Records from a data collection:
[Start of Attachment]

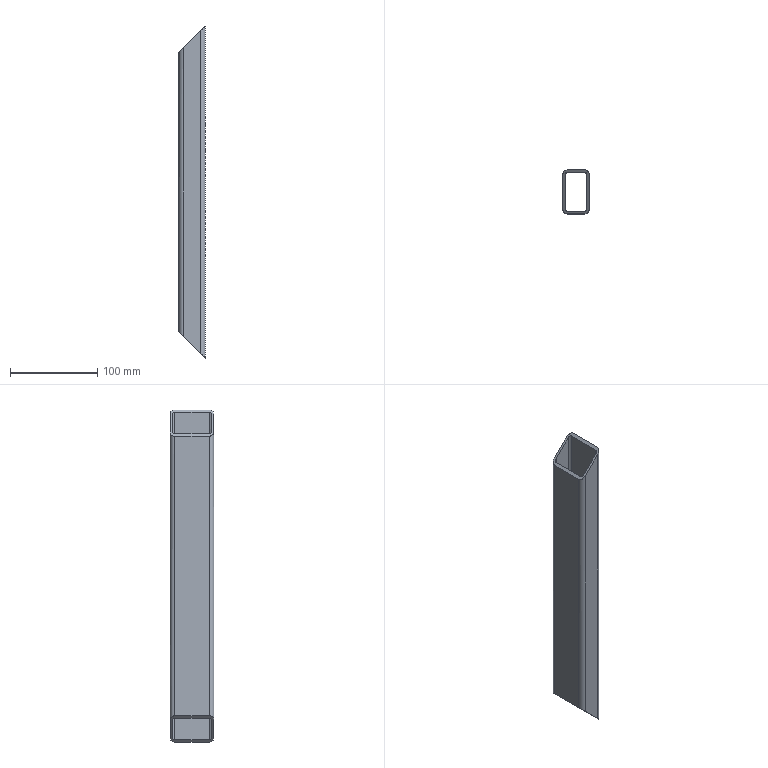Component | SolidWorks | Frame-1_SquareTube2-1 | 1 solid | 18 faces | box 30 x 50 x 380 mm | volume 130043 mm3 | plane 10 | cylinder 8 | commonest cylinder face diameters 10.4 x4 5.2 x4
STEP:
#1=COLOUR_RGB('',0.7922,0.8196,0.9333);
#2=FILL_AREA_STYLE_COLOUR('',#1);
#3=FILL_AREA_STYLE('',(#2));
#4=SURFACE_STYLE_FILL_AREA(#3);
#5=SURFACE_SIDE_STYLE('',(#4));
#6=SURFACE_STYLE_USAGE(.BOTH.,#5);
#7=PRESENTATION_STYLE_ASSIGNMENT((#6));
#8=CARTESIAN_POINT('',(20.276,-0.7795,-7.48));
#9=VERTEX_POINT('',#8);
#10=CARTESIAN_POINT('',(20.276,-0.7795,7.48));
#11=VERTEX_POINT('',#10);
#12=CARTESIAN_POINT('',(20.276,-0.7795,-6.89));
#13=DIRECTION('',(0.,0.,1.));
#14=VECTOR('',#13,39.37);
#15=LINE('',#12,#14);
#16=EDGE_CURVE('',#9,#11,#15,.T.);
#17=ORIENTED_EDGE('',*,*,#16,.F.);
#18=CARTESIAN_POINT('',(20.276,0.7795,-7.48));
#19=VERTEX_POINT('',#18);
#20=CARTESIAN_POINT('',(20.276,-0.7795,-7.48));
#21=DIRECTION('',(0.,-1.,0.));
#22=VECTOR('',#21,39.37);
#23=LINE('',#20,#22);
#24=EDGE_CURVE('',#19,#9,#23,.T.);
#25=ORIENTED_EDGE('',*,*,#24,.F.);
#26=CARTESIAN_POINT('',(20.276,0.7795,7.48));
#27=VERTEX_POINT('',#26);
#28=CARTESIAN_POINT('',(20.276,0.7795,-6.89));
#29=DIRECTION('',(0.,0.,-1.));
#30=VECTOR('',#29,39.37);
#31=LINE('',#28,#30);
#32=EDGE_CURVE('',#27,#19,#31,.T.);
#33=ORIENTED_EDGE('',*,*,#32,.F.);
#34=CARTESIAN_POINT('',(20.276,-0.7795,7.48));
#35=DIRECTION('',(0.,1.,0.));
#36=VECTOR('',#35,39.37);
#37=LINE('',#34,#36);
#38=EDGE_CURVE('',#11,#27,#37,.T.);
#39=ORIENTED_EDGE('',*,*,#38,.F.);
#40=EDGE_LOOP('',(#17,#25,#33,#39));
#41=FACE_OUTER_BOUND('',#40,.T.);
#42=CARTESIAN_POINT('',(20.276,-0.7795,-6.89));
#43=DIRECTION('',(-1.,0.,0.));
#44=DIRECTION('',(0.,0.,1.));
#45=AXIS2_PLACEMENT_3D('',#42,#43,#44);
#46=PLANE('',#45);
#47=ADVANCED_FACE('',(#41),#46,.F.);
#48=ORIENTED_EDGE('',*,*,#38,.T.);
#49=CARTESIAN_POINT('',(20.071,0.9843,7.276));
#50=VERTEX_POINT('',#49);
#51=CARTESIAN_POINT('',(20.276,0.7795,7.48));
#52=CARTESIAN_POINT('',(20.276,0.8995,7.48));
#53=CARTESIAN_POINT('',(20.191,0.9843,7.396));
#54=CARTESIAN_POINT('',(20.071,0.9843,7.276));
#55=(BOUNDED_CURVE()B_SPLINE_CURVE(3,(#51,#52,#53,#54),.UNSPECIFIED.,.F.,.F.)B_SPLINE_CURVE_WITH_KNOTS((4,4),(0.,1.571),.UNSPECIFIED.)CURVE()GEOMETRIC_REPRESENTATION_ITEM()RATIONAL_B_SPLINE_CURVE((1.,0.8047,0.8047,1.))REPRESENTATION_ITEM(''));
#56=EDGE_CURVE('',#27,#50,#55,.T.);
#57=ORIENTED_EDGE('',*,*,#56,.T.);
#58=CARTESIAN_POINT('',(19.299,0.9843,6.504));
#59=VERTEX_POINT('',#58);
#60=CARTESIAN_POINT('',(19.685,0.9843,6.89));
#61=DIRECTION('',(-0.7071,0.,-0.7071));
#62=VECTOR('',#61,39.37);
#63=LINE('',#60,#62);
#64=EDGE_CURVE('',#50,#59,#63,.T.);
#65=ORIENTED_EDGE('',*,*,#64,.T.);
#66=CARTESIAN_POINT('',(19.094,0.7795,6.299));
#67=VERTEX_POINT('',#66);
#68=CARTESIAN_POINT('',(19.299,0.9843,6.504));
#69=CARTESIAN_POINT('',(19.179,0.9843,6.384));
#70=CARTESIAN_POINT('',(19.094,0.8995,6.299));
#71=CARTESIAN_POINT('',(19.094,0.7795,6.299));
#72=(BOUNDED_CURVE()B_SPLINE_CURVE(3,(#68,#69,#70,#71),.UNSPECIFIED.,.F.,.T.)B_SPLINE_CURVE_WITH_KNOTS((4,4),(1.571,3.142),.UNSPECIFIED.)CURVE()GEOMETRIC_REPRESENTATION_ITEM()RATIONAL_B_SPLINE_CURVE((1.,0.8047,0.8047,1.))REPRESENTATION_ITEM(''));
#73=EDGE_CURVE('',#59,#67,#72,.T.);
#74=ORIENTED_EDGE('',*,*,#73,.T.);
#75=CARTESIAN_POINT('',(19.094,-0.7795,6.299));
#76=VERTEX_POINT('',#75);
#77=CARTESIAN_POINT('',(19.094,0.,6.299));
#78=DIRECTION('',(0.,-1.,0.));
#79=VECTOR('',#78,39.37);
#80=LINE('',#77,#79);
#81=EDGE_CURVE('',#67,#76,#80,.T.);
#82=ORIENTED_EDGE('',*,*,#81,.T.);
#83=CARTESIAN_POINT('',(19.299,-0.9843,6.504));
#84=VERTEX_POINT('',#83);
#85=CARTESIAN_POINT('',(19.094,-0.7795,6.299));
#86=CARTESIAN_POINT('',(19.094,-0.8995,6.299));
#87=CARTESIAN_POINT('',(19.179,-0.9843,6.384));
#88=CARTESIAN_POINT('',(19.299,-0.9843,6.504));
#89=(BOUNDED_CURVE()B_SPLINE_CURVE(3,(#85,#86,#87,#88),.UNSPECIFIED.,.F.,.F.)B_SPLINE_CURVE_WITH_KNOTS((4,4),(3.142,4.712),.UNSPECIFIED.)CURVE()GEOMETRIC_REPRESENTATION_ITEM()RATIONAL_B_SPLINE_CURVE((1.,0.8047,0.8047,1.))REPRESENTATION_ITEM(''));
#90=EDGE_CURVE('',#76,#84,#89,.T.);
#91=ORIENTED_EDGE('',*,*,#90,.T.);
#92=CARTESIAN_POINT('',(20.071,-0.9843,7.276));
#93=VERTEX_POINT('',#92);
#94=CARTESIAN_POINT('',(19.685,-0.9843,6.89));
#95=DIRECTION('',(0.7071,0.,0.7071));
#96=VECTOR('',#95,39.37);
#97=LINE('',#94,#96);
#98=EDGE_CURVE('',#84,#93,#97,.T.);
#99=ORIENTED_EDGE('',*,*,#98,.T.);
#100=CARTESIAN_POINT('',(20.071,-0.9843,7.276));
#101=CARTESIAN_POINT('',(20.191,-0.9843,7.396));
#102=CARTESIAN_POINT('',(20.276,-0.8995,7.48));
#103=CARTESIAN_POINT('',(20.276,-0.7795,7.48));
#104=(BOUNDED_CURVE()B_SPLINE_CURVE(3,(#100,#101,#102,#103),.UNSPECIFIED.,.F.,.F.)B_SPLINE_CURVE_WITH_KNOTS((4,4),(4.712,6.283),.UNSPECIFIED.)CURVE()GEOMETRIC_REPRESENTATION_ITEM()RATIONAL_B_SPLINE_CURVE((1.,0.8047,0.8047,1.))REPRESENTATION_ITEM(''));
#105=EDGE_CURVE('',#93,#11,#104,.T.);
#106=ORIENTED_EDGE('',*,*,#105,.T.);
#107=EDGE_LOOP('',(#48,#57,#65,#74,#82,#91,#99,#106));
#108=FACE_OUTER_BOUND('',#107,.T.);
#109=CARTESIAN_POINT('',(19.197,0.7795,6.402));
#110=VERTEX_POINT('',#109);
#111=CARTESIAN_POINT('',(19.299,0.8819,6.504));
#112=VERTEX_POINT('',#111);
#113=CARTESIAN_POINT('',(19.197,0.7795,6.402));
#114=CARTESIAN_POINT('',(19.197,0.8395,6.402));
#115=CARTESIAN_POINT('',(19.239,0.8819,6.444));
#116=CARTESIAN_POINT('',(19.299,0.8819,6.504));
#117=(BOUNDED_CURVE()B_SPLINE_CURVE(3,(#113,#114,#115,#116),.UNSPECIFIED.,.F.,.F.)B_SPLINE_CURVE_WITH_KNOTS((4,4),(3.142,4.712),.UNSPECIFIED.)CURVE()GEOMETRIC_REPRESENTATION_ITEM()RATIONAL_B_SPLINE_CURVE((1.,0.8047,0.8047,1.))REPRESENTATION_ITEM(''));
#118=EDGE_CURVE('',#110,#112,#117,.T.);
#119=ORIENTED_EDGE('',*,*,#118,.T.);
#120=CARTESIAN_POINT('',(20.071,0.8819,7.276));
#121=VERTEX_POINT('',#120);
#122=CARTESIAN_POINT('',(19.685,0.8819,6.89));
#123=DIRECTION('',(0.7071,0.,0.7071));
#124=VECTOR('',#123,39.37);
#125=LINE('',#122,#124);
#126=EDGE_CURVE('',#112,#121,#125,.T.);
#127=ORIENTED_EDGE('',*,*,#126,.T.);
#128=CARTESIAN_POINT('',(20.173,0.7795,7.378));
#129=VERTEX_POINT('',#128);
#130=CARTESIAN_POINT('',(20.071,0.8819,7.276));
#131=CARTESIAN_POINT('',(20.131,0.8819,7.336));
#132=CARTESIAN_POINT('',(20.173,0.8395,7.378));
#133=CARTESIAN_POINT('',(20.173,0.7795,7.378));
#134=(BOUNDED_CURVE()B_SPLINE_CURVE(3,(#130,#131,#132,#133),.UNSPECIFIED.,.F.,.F.)B_SPLINE_CURVE_WITH_KNOTS((4,4),(4.712,6.283),.UNSPECIFIED.)CURVE()GEOMETRIC_REPRESENTATION_ITEM()RATIONAL_B_SPLINE_CURVE((1.,0.8047,0.8047,1.))REPRESENTATION_ITEM(''));
#135=EDGE_CURVE('',#121,#129,#134,.T.);
#136=ORIENTED_EDGE('',*,*,#135,.T.);
#137=CARTESIAN_POINT('',(20.173,-0.7795,7.378));
#138=VERTEX_POINT('',#137);
#139=CARTESIAN_POINT('',(20.173,0.,7.378));
#140=DIRECTION('',(0.,-1.,0.));
#141=VECTOR('',#140,39.37);
#142=LINE('',#139,#141);
#143=EDGE_CURVE('',#129,#138,#142,.T.);
#144=ORIENTED_EDGE('',*,*,#143,.T.);
#145=CARTESIAN_POINT('',(20.071,-0.8819,7.276));
#146=VERTEX_POINT('',#145);
#147=CARTESIAN_POINT('',(20.173,-0.7795,7.378));
#148=CARTESIAN_POINT('',(20.173,-0.8395,7.378));
#149=CARTESIAN_POINT('',(20.131,-0.8819,7.336));
#150=CARTESIAN_POINT('',(20.071,-0.8819,7.276));
#151=(BOUNDED_CURVE()B_SPLINE_CURVE(3,(#147,#148,#149,#150),.UNSPECIFIED.,.F.,.F.)B_SPLINE_CURVE_WITH_KNOTS((4,4),(0.,1.571),.UNSPECIFIED.)CURVE()GEOMETRIC_REPRESENTATION_ITEM()RATIONAL_B_SPLINE_CURVE((1.,0.8047,0.8047,1.))REPRESENTATION_ITEM(''));
#152=EDGE_CURVE('',#138,#146,#151,.T.);
#153=ORIENTED_EDGE('',*,*,#152,.T.);
#154=CARTESIAN_POINT('',(19.299,-0.8819,6.504));
#155=VERTEX_POINT('',#154);
#156=CARTESIAN_POINT('',(19.685,-0.8819,6.89));
#157=DIRECTION('',(-0.7071,0.,-0.7071));
#158=VECTOR('',#157,39.37);
#159=LINE('',#156,#158);
#160=EDGE_CURVE('',#146,#155,#159,.T.);
#161=ORIENTED_EDGE('',*,*,#160,.T.);
#162=CARTESIAN_POINT('',(19.197,-0.7795,6.402));
#163=VERTEX_POINT('',#162);
#164=CARTESIAN_POINT('',(19.299,-0.8819,6.504));
#165=CARTESIAN_POINT('',(19.239,-0.8819,6.444));
#166=CARTESIAN_POINT('',(19.197,-0.8395,6.402));
#167=CARTESIAN_POINT('',(19.197,-0.7795,6.402));
#168=(BOUNDED_CURVE()B_SPLINE_CURVE(3,(#164,#165,#166,#167),.UNSPECIFIED.,.F.,.F.)B_SPLINE_CURVE_WITH_KNOTS((4,4),(1.571,3.142),.UNSPECIFIED.)CURVE()GEOMETRIC_REPRESENTATION_ITEM()RATIONAL_B_SPLINE_CURVE((1.,0.8047,0.8047,1.))REPRESENTATION_ITEM(''));
#169=EDGE_CURVE('',#155,#163,#168,.T.);
#170=ORIENTED_EDGE('',*,*,#169,.T.);
#171=CARTESIAN_POINT('',(19.197,0.,6.402));
#172=DIRECTION('',(0.,1.,0.));
#173=VECTOR('',#172,39.37);
#174=LINE('',#171,#173);
#175=EDGE_CURVE('',#163,#110,#174,.T.);
#176=ORIENTED_EDGE('',*,*,#175,.T.);
#177=EDGE_LOOP('',(#119,#127,#136,#144,#153,#161,#170,#176));
#178=FACE_BOUND('',#177,.T.);
#179=CARTESIAN_POINT('',(19.685,0.,6.89));
#180=DIRECTION('',(-0.7071,0.,0.7071));
#181=DIRECTION('',(0.7071,0.,0.7071));
#182=AXIS2_PLACEMENT_3D('',#179,#180,#181);
#183=PLANE('',#182);
#184=ADVANCED_FACE('',(#108,#178),#183,.T.);
#185=CARTESIAN_POINT('',(20.071,-0.9843,-7.276));
#186=VERTEX_POINT('',#185);
#187=CARTESIAN_POINT('',(20.071,-0.9843,-7.276));
#188=CARTESIAN_POINT('',(20.191,-0.9843,-7.396));
#189=CARTESIAN_POINT('',(20.276,-0.8995,-7.48));
#190=CARTESIAN_POINT('',(20.276,-0.7795,-7.48));
#191=(BOUNDED_CURVE()B_SPLINE_CURVE(3,(#187,#188,#189,#190),.UNSPECIFIED.,.F.,.F.)B_SPLINE_CURVE_WITH_KNOTS((4,4),(1.571,3.142),.UNSPECIFIED.)CURVE()GEOMETRIC_REPRESENTATION_ITEM()RATIONAL_B_SPLINE_CURVE((1.,0.8047,0.8047,1.))REPRESENTATION_ITEM(''));
#192=EDGE_CURVE('',#186,#9,#191,.T.);
#193=ORIENTED_EDGE('',*,*,#192,.T.);
#194=ORIENTED_EDGE('',*,*,#16,.T.);
#195=ORIENTED_EDGE('',*,*,#105,.F.);
#196=CARTESIAN_POINT('',(20.071,-0.9843,-6.89));
#197=DIRECTION('',(0.,0.,-1.));
#198=VECTOR('',#197,39.37);
#199=LINE('',#196,#198);
#200=EDGE_CURVE('',#93,#186,#199,.T.);
#201=ORIENTED_EDGE('',*,*,#200,.T.);
#202=EDGE_LOOP('',(#193,#194,#195,#201));
#203=FACE_OUTER_BOUND('',#202,.T.);
#204=CARTESIAN_POINT('',(20.071,-0.7795,-6.89));
#205=DIRECTION('',(0.,0.,1.));
#206=DIRECTION('',(1.,0.,0.));
#207=AXIS2_PLACEMENT_3D('',#204,#205,#206);
#208=CYLINDRICAL_SURFACE('',#207,0.2047);
#209=ADVANCED_FACE('',(#203),#208,.T.);
#210=CARTESIAN_POINT('',(19.299,-0.9843,-6.504));
#211=VERTEX_POINT('',#210);
#212=CARTESIAN_POINT('',(19.685,-0.9843,-6.89));
#213=DIRECTION('',(-0.7071,0.,0.7071));
#214=VECTOR('',#213,39.37);
#215=LINE('',#212,#214);
#216=EDGE_CURVE('',#186,#211,#215,.T.);
#217=ORIENTED_EDGE('',*,*,#216,.T.);
#218=CARTESIAN_POINT('',(19.094,-0.7795,-6.299));
#219=VERTEX_POINT('',#218);
#220=CARTESIAN_POINT('',(19.299,-0.9843,-6.504));
#221=CARTESIAN_POINT('',(19.179,-0.9843,-6.384));
#222=CARTESIAN_POINT('',(19.094,-0.8995,-6.299));
#223=CARTESIAN_POINT('',(19.094,-0.7795,-6.299));
#224=(BOUNDED_CURVE()B_SPLINE_CURVE(3,(#220,#221,#222,#223),.UNSPECIFIED.,.F.,.F.)B_SPLINE_CURVE_WITH_KNOTS((4,4),(4.712,6.283),.UNSPECIFIED.)CURVE()GEOMETRIC_REPRESENTATION_ITEM()RATIONAL_B_SPLINE_CURVE((1.,0.8047,0.8047,1.))REPRESENTATION_ITEM(''));
#225=EDGE_CURVE('',#211,#219,#224,.T.);
#226=ORIENTED_EDGE('',*,*,#225,.T.);
#227=CARTESIAN_POINT('',(19.094,0.7795,-6.299));
#228=VERTEX_POINT('',#227);
#229=CARTESIAN_POINT('',(19.094,0.,-6.299));
#230=DIRECTION('',(0.,1.,0.));
#231=VECTOR('',#230,39.37);
#232=LINE('',#229,#231);
#233=EDGE_CURVE('',#219,#228,#232,.T.);
#234=ORIENTED_EDGE('',*,*,#233,.T.);
#235=CARTESIAN_POINT('',(19.299,0.9843,-6.504));
#236=VERTEX_POINT('',#235);
#237=CARTESIAN_POINT('',(19.094,0.7795,-6.299));
#238=CARTESIAN_POINT('',(19.094,0.8995,-6.299));
#239=CARTESIAN_POINT('',(19.179,0.9843,-6.384));
#240=CARTESIAN_POINT('',(19.299,0.9843,-6.504));
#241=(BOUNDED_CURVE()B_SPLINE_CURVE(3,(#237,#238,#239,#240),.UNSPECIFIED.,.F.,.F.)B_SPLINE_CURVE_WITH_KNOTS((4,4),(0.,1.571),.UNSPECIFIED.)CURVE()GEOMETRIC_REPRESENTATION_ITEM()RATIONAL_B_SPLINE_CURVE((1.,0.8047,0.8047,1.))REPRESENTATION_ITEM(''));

[End of Attachment]

**Instructions to follow**
Only the lines from the top of the data through the line with "#48=ORIENTED_EDGE('',*,*,#38,.T.);" should be quoted, exactly and with both ends kept; skip the pictures.

**Solved exercise**
Component | SolidWorks | Frame-1_SquareTube2-1 | 1 solid | 18 faces | box 30 x 50 x 380 mm | volume 130043 mm3 | plane 10 | cylinder 8 | commonest cylinder face diameters 10.4 x4 5.2 x4
STEP:
#1=COLOUR_RGB('',0.7922,0.8196,0.9333);
#2=FILL_AREA_STYLE_COLOUR('',#1);
#3=FILL_AREA_STYLE('',(#2));
#4=SURFACE_STYLE_FILL_AREA(#3);
#5=SURFACE_SIDE_STYLE('',(#4));
#6=SURFACE_STYLE_USAGE(.BOTH.,#5);
#7=PRESENTATION_STYLE_ASSIGNMENT((#6));
#8=CARTESIAN_POINT('',(20.276,-0.7795,-7.48));
#9=VERTEX_POINT('',#8);
#10=CARTESIAN_POINT('',(20.276,-0.7795,7.48));
#11=VERTEX_POINT('',#10);
#12=CARTESIAN_POINT('',(20.276,-0.7795,-6.89));
#13=DIRECTION('',(0.,0.,1.));
#14=VECTOR('',#13,39.37);
#15=LINE('',#12,#14);
#16=EDGE_CURVE('',#9,#11,#15,.T.);
#17=ORIENTED_EDGE('',*,*,#16,.F.);
#18=CARTESIAN_POINT('',(20.276,0.7795,-7.48));
#19=VERTEX_POINT('',#18);
#20=CARTESIAN_POINT('',(20.276,-0.7795,-7.48));
#21=DIRECTION('',(0.,-1.,0.));
#22=VECTOR('',#21,39.37);
#23=LINE('',#20,#22);
#24=EDGE_CURVE('',#19,#9,#23,.T.);
#25=ORIENTED_EDGE('',*,*,#24,.F.);
#26=CARTESIAN_POINT('',(20.276,0.7795,7.48));
#27=VERTEX_POINT('',#26);
#28=CARTESIAN_POINT('',(20.276,0.7795,-6.89));
#29=DIRECTION('',(0.,0.,-1.));
#30=VECTOR('',#29,39.37);
#31=LINE('',#28,#30);
#32=EDGE_CURVE('',#27,#19,#31,.T.);
#33=ORIENTED_EDGE('',*,*,#32,.F.);
#34=CARTESIAN_POINT('',(20.276,-0.7795,7.48));
#35=DIRECTION('',(0.,1.,0.));
#36=VECTOR('',#35,39.37);
#37=LINE('',#34,#36);
#38=EDGE_CURVE('',#11,#27,#37,.T.);
#39=ORIENTED_EDGE('',*,*,#38,.F.);
#40=EDGE_LOOP('',(#17,#25,#33,#39));
#41=FACE_OUTER_BOUND('',#40,.T.);
#42=CARTESIAN_POINT('',(20.276,-0.7795,-6.89));
#43=DIRECTION('',(-1.,0.,0.));
#44=DIRECTION('',(0.,0.,1.));
#45=AXIS2_PLACEMENT_3D('',#42,#43,#44);
#46=PLANE('',#45);
#47=ADVANCED_FACE('',(#41),#46,.F.);
#48=ORIENTED_EDGE('',*,*,#38,.T.);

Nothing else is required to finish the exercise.